__EXERCISE__: Look through the data below and extract, unchanged, the lines from the one that contains "#136=LINE('',#133,#135);" to the one that contains "#191=LINE('',#188,#190);", both included.

====== DATASET ENTRIES

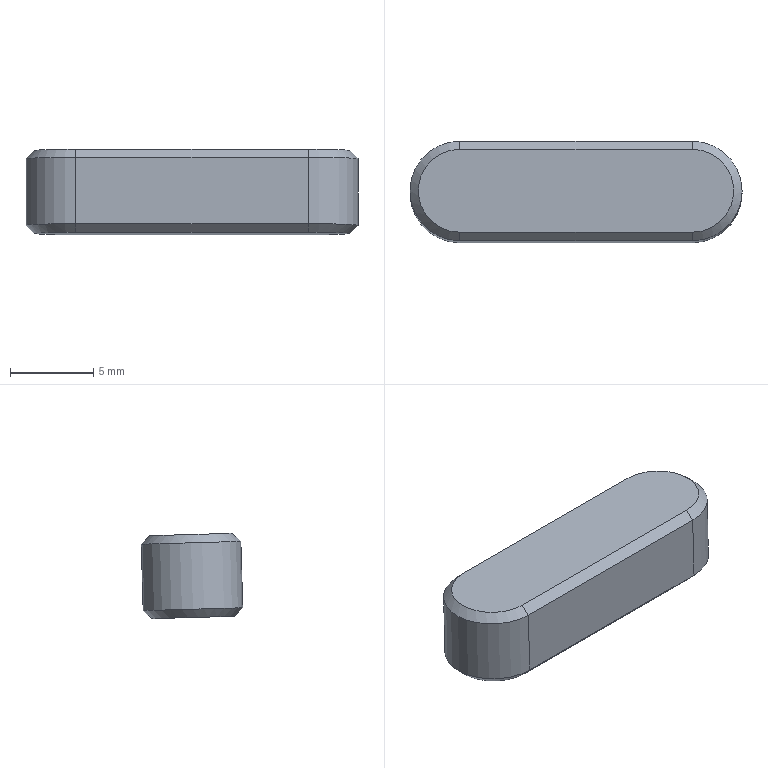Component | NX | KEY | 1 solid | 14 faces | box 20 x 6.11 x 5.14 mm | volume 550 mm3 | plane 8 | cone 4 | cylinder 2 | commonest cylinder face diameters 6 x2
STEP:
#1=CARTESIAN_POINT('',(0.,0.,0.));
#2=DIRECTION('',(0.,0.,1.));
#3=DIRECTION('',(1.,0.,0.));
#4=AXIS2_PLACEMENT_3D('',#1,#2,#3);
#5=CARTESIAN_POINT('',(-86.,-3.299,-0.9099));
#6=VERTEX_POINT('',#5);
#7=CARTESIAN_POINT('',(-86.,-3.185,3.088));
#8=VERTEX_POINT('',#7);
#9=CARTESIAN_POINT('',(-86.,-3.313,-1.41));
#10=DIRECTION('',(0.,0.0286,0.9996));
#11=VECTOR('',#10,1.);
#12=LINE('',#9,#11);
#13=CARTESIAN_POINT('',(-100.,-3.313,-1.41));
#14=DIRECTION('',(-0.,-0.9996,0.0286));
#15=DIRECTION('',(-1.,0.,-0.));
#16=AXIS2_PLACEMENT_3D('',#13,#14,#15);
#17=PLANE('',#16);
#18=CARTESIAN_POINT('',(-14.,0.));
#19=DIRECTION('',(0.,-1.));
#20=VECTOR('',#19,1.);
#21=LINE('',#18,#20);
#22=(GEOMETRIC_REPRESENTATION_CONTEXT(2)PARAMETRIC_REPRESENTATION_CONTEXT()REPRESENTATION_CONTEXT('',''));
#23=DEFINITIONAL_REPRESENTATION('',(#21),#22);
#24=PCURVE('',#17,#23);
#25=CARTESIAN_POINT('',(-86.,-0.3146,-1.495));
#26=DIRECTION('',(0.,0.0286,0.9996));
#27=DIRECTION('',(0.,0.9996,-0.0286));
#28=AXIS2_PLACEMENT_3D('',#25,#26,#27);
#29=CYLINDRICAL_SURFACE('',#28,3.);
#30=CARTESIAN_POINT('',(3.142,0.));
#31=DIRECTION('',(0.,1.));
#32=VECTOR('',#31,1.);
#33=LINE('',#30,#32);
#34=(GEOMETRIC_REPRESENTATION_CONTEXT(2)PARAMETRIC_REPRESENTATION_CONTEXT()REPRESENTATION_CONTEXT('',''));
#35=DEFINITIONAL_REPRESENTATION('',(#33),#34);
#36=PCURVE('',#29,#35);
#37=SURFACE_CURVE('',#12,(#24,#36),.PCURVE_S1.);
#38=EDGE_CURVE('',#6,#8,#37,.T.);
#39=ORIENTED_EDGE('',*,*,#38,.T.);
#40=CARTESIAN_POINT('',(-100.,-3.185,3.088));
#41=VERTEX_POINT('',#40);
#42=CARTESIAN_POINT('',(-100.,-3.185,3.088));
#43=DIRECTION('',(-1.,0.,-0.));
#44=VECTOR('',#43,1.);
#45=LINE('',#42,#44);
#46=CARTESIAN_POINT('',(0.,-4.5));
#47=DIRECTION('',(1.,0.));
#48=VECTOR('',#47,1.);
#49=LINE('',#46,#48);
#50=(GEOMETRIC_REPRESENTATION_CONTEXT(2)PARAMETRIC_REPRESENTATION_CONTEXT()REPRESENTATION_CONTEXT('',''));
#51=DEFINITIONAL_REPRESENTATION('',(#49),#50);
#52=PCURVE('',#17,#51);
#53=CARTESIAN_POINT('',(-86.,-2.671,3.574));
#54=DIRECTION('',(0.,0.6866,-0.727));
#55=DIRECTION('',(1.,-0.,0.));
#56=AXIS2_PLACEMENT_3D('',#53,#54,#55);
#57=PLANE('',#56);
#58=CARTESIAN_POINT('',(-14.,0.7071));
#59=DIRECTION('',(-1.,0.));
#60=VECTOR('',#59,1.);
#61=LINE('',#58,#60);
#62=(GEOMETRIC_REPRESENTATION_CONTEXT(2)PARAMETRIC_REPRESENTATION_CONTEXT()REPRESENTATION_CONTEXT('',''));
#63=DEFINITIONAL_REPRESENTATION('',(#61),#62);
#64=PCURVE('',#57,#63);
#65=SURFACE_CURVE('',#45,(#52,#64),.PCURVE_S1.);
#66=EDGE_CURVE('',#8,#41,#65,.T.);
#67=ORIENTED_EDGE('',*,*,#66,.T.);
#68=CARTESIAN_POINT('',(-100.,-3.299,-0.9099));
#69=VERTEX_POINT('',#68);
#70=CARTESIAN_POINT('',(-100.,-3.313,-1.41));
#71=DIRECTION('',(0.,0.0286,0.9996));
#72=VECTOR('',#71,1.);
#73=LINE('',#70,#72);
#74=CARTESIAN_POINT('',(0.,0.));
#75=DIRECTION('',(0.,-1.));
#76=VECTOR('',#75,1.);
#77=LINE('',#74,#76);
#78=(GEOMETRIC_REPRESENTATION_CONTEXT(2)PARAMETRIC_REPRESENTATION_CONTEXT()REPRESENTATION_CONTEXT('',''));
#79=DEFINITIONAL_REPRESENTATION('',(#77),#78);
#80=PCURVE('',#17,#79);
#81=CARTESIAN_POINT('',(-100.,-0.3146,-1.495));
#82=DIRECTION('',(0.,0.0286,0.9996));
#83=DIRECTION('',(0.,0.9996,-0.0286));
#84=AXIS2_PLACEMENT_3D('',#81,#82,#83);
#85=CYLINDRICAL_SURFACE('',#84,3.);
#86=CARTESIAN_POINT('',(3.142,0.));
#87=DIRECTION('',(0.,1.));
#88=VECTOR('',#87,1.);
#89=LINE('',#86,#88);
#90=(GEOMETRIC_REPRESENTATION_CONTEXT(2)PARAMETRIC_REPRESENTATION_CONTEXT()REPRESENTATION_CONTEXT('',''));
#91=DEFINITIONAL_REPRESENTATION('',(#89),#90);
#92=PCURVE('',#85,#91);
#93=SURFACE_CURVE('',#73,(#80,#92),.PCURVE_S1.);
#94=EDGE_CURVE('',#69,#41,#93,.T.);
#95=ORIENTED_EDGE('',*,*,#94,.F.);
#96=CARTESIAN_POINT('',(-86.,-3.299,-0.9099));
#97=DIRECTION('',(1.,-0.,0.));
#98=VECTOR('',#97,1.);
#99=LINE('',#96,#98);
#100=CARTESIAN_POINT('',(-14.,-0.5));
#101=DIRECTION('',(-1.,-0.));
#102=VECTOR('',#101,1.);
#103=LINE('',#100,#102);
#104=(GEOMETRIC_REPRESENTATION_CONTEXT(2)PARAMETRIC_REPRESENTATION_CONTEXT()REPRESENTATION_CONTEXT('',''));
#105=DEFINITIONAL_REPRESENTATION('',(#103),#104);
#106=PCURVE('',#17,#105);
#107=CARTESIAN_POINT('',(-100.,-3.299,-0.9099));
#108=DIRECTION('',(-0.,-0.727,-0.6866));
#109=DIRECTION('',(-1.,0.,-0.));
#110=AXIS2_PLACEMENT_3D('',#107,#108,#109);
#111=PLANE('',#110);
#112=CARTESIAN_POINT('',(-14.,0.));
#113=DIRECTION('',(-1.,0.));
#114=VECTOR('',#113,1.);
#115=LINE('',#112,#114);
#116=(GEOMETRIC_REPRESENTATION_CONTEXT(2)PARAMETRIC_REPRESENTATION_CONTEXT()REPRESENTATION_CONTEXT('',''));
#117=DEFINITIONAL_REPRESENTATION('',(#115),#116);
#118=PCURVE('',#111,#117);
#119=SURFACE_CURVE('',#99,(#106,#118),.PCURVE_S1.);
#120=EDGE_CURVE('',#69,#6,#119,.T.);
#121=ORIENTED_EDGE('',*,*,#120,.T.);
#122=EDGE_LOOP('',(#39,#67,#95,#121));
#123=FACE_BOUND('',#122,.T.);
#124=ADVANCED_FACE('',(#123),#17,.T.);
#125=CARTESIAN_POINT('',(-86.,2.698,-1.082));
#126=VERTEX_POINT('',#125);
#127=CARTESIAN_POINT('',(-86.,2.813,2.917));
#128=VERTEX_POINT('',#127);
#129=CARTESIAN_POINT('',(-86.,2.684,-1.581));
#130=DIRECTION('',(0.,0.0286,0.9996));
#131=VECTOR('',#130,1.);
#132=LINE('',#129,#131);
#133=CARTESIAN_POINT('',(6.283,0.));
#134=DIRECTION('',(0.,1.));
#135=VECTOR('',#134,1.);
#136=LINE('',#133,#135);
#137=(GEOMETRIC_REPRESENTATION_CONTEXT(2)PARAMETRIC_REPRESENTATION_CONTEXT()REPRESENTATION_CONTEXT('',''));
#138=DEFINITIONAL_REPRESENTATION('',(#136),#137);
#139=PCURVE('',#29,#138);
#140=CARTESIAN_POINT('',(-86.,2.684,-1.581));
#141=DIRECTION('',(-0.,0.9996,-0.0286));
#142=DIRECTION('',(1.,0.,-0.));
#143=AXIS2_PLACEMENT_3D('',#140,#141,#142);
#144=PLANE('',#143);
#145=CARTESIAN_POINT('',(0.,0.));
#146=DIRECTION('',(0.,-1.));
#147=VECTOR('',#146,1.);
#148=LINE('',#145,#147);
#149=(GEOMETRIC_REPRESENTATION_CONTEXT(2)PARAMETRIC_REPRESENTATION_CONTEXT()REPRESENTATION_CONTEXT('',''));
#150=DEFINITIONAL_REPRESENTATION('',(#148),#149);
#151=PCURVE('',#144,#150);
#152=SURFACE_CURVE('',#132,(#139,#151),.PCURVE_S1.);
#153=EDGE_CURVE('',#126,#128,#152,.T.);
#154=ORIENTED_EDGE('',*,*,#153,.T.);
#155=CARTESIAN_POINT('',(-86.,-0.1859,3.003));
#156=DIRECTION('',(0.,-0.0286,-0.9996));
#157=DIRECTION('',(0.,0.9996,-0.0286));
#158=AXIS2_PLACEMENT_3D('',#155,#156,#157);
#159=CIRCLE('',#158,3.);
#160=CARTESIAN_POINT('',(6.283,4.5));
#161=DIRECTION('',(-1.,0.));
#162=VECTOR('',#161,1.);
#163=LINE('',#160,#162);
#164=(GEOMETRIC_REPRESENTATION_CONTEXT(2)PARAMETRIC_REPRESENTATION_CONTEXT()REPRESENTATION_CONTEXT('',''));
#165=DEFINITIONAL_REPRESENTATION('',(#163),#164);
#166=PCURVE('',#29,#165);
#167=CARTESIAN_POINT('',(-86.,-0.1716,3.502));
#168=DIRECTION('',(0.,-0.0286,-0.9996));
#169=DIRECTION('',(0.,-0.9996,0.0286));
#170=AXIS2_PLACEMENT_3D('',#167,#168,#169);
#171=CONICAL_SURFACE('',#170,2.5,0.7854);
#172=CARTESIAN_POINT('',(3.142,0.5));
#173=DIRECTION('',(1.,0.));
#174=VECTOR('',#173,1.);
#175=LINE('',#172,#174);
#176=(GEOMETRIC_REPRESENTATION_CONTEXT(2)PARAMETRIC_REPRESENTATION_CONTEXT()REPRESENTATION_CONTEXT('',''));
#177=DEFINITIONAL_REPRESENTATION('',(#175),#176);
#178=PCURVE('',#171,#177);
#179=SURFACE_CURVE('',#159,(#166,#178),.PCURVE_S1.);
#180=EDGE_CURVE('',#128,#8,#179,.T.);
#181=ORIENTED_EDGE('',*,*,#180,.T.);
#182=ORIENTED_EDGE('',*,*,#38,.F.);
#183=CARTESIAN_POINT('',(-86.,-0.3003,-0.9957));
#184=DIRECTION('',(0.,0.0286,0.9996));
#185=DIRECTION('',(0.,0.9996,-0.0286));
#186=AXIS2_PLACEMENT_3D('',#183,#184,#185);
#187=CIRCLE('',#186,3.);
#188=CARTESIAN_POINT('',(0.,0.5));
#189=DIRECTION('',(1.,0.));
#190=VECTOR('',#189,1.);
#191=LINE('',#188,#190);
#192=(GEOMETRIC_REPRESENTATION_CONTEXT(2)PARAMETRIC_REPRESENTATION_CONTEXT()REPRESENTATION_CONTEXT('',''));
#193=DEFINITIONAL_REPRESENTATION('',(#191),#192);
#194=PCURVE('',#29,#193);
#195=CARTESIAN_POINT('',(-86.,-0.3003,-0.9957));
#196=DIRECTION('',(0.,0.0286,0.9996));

============

__YOUR SOLUTION__:
#136=LINE('',#133,#135);
#137=(GEOMETRIC_REPRESENTATION_CONTEXT(2)PARAMETRIC_REPRESENTATION_CONTEXT()REPRESENTATION_CONTEXT('',''));
#138=DEFINITIONAL_REPRESENTATION('',(#136),#137);
#139=PCURVE('',#29,#138);
#140=CARTESIAN_POINT('',(-86.,2.684,-1.581));
#141=DIRECTION('',(-0.,0.9996,-0.0286));
#142=DIRECTION('',(1.,0.,-0.));
#143=AXIS2_PLACEMENT_3D('',#140,#141,#142);
#144=PLANE('',#143);
#145=CARTESIAN_POINT('',(0.,0.));
#146=DIRECTION('',(0.,-1.));
#147=VECTOR('',#146,1.);
#148=LINE('',#145,#147);
#149=(GEOMETRIC_REPRESENTATION_CONTEXT(2)PARAMETRIC_REPRESENTATION_CONTEXT()REPRESENTATION_CONTEXT('',''));
#150=DEFINITIONAL_REPRESENTATION('',(#148),#149);
#151=PCURVE('',#144,#150);
#152=SURFACE_CURVE('',#132,(#139,#151),.PCURVE_S1.);
#153=EDGE_CURVE('',#126,#128,#152,.T.);
#154=ORIENTED_EDGE('',*,*,#153,.T.);
#155=CARTESIAN_POINT('',(-86.,-0.1859,3.003));
#156=DIRECTION('',(0.,-0.0286,-0.9996));
#157=DIRECTION('',(0.,0.9996,-0.0286));
#158=AXIS2_PLACEMENT_3D('',#155,#156,#157);
#159=CIRCLE('',#158,3.);
#160=CARTESIAN_POINT('',(6.283,4.5));
#161=DIRECTION('',(-1.,0.));
#162=VECTOR('',#161,1.);
#163=LINE('',#160,#162);
#164=(GEOMETRIC_REPRESENTATION_CONTEXT(2)PARAMETRIC_REPRESENTATION_CONTEXT()REPRESENTATION_CONTEXT('',''));
#165=DEFINITIONAL_REPRESENTATION('',(#163),#164);
#166=PCURVE('',#29,#165);
#167=CARTESIAN_POINT('',(-86.,-0.1716,3.502));
#168=DIRECTION('',(0.,-0.0286,-0.9996));
#169=DIRECTION('',(0.,-0.9996,0.0286));
#170=AXIS2_PLACEMENT_3D('',#167,#168,#169);
#171=CONICAL_SURFACE('',#170,2.5,0.7854);
#172=CARTESIAN_POINT('',(3.142,0.5));
#173=DIRECTION('',(1.,0.));
#174=VECTOR('',#173,1.);
#175=LINE('',#172,#174);
#176=(GEOMETRIC_REPRESENTATION_CONTEXT(2)PARAMETRIC_REPRESENTATION_CONTEXT()REPRESENTATION_CONTEXT('',''));
#177=DEFINITIONAL_REPRESENTATION('',(#175),#176);
#178=PCURVE('',#171,#177);
#179=SURFACE_CURVE('',#159,(#166,#178),.PCURVE_S1.);
#180=EDGE_CURVE('',#128,#8,#179,.T.);
#181=ORIENTED_EDGE('',*,*,#180,.T.);
#182=ORIENTED_EDGE('',*,*,#38,.F.);
#183=CARTESIAN_POINT('',(-86.,-0.3003,-0.9957));
#184=DIRECTION('',(0.,0.0286,0.9996));
#185=DIRECTION('',(0.,0.9996,-0.0286));
#186=AXIS2_PLACEMENT_3D('',#183,#184,#185);
#187=CIRCLE('',#186,3.);
#188=CARTESIAN_POINT('',(0.,0.5));
#189=DIRECTION('',(1.,0.));
#190=VECTOR('',#189,1.);
#191=LINE('',#188,#190);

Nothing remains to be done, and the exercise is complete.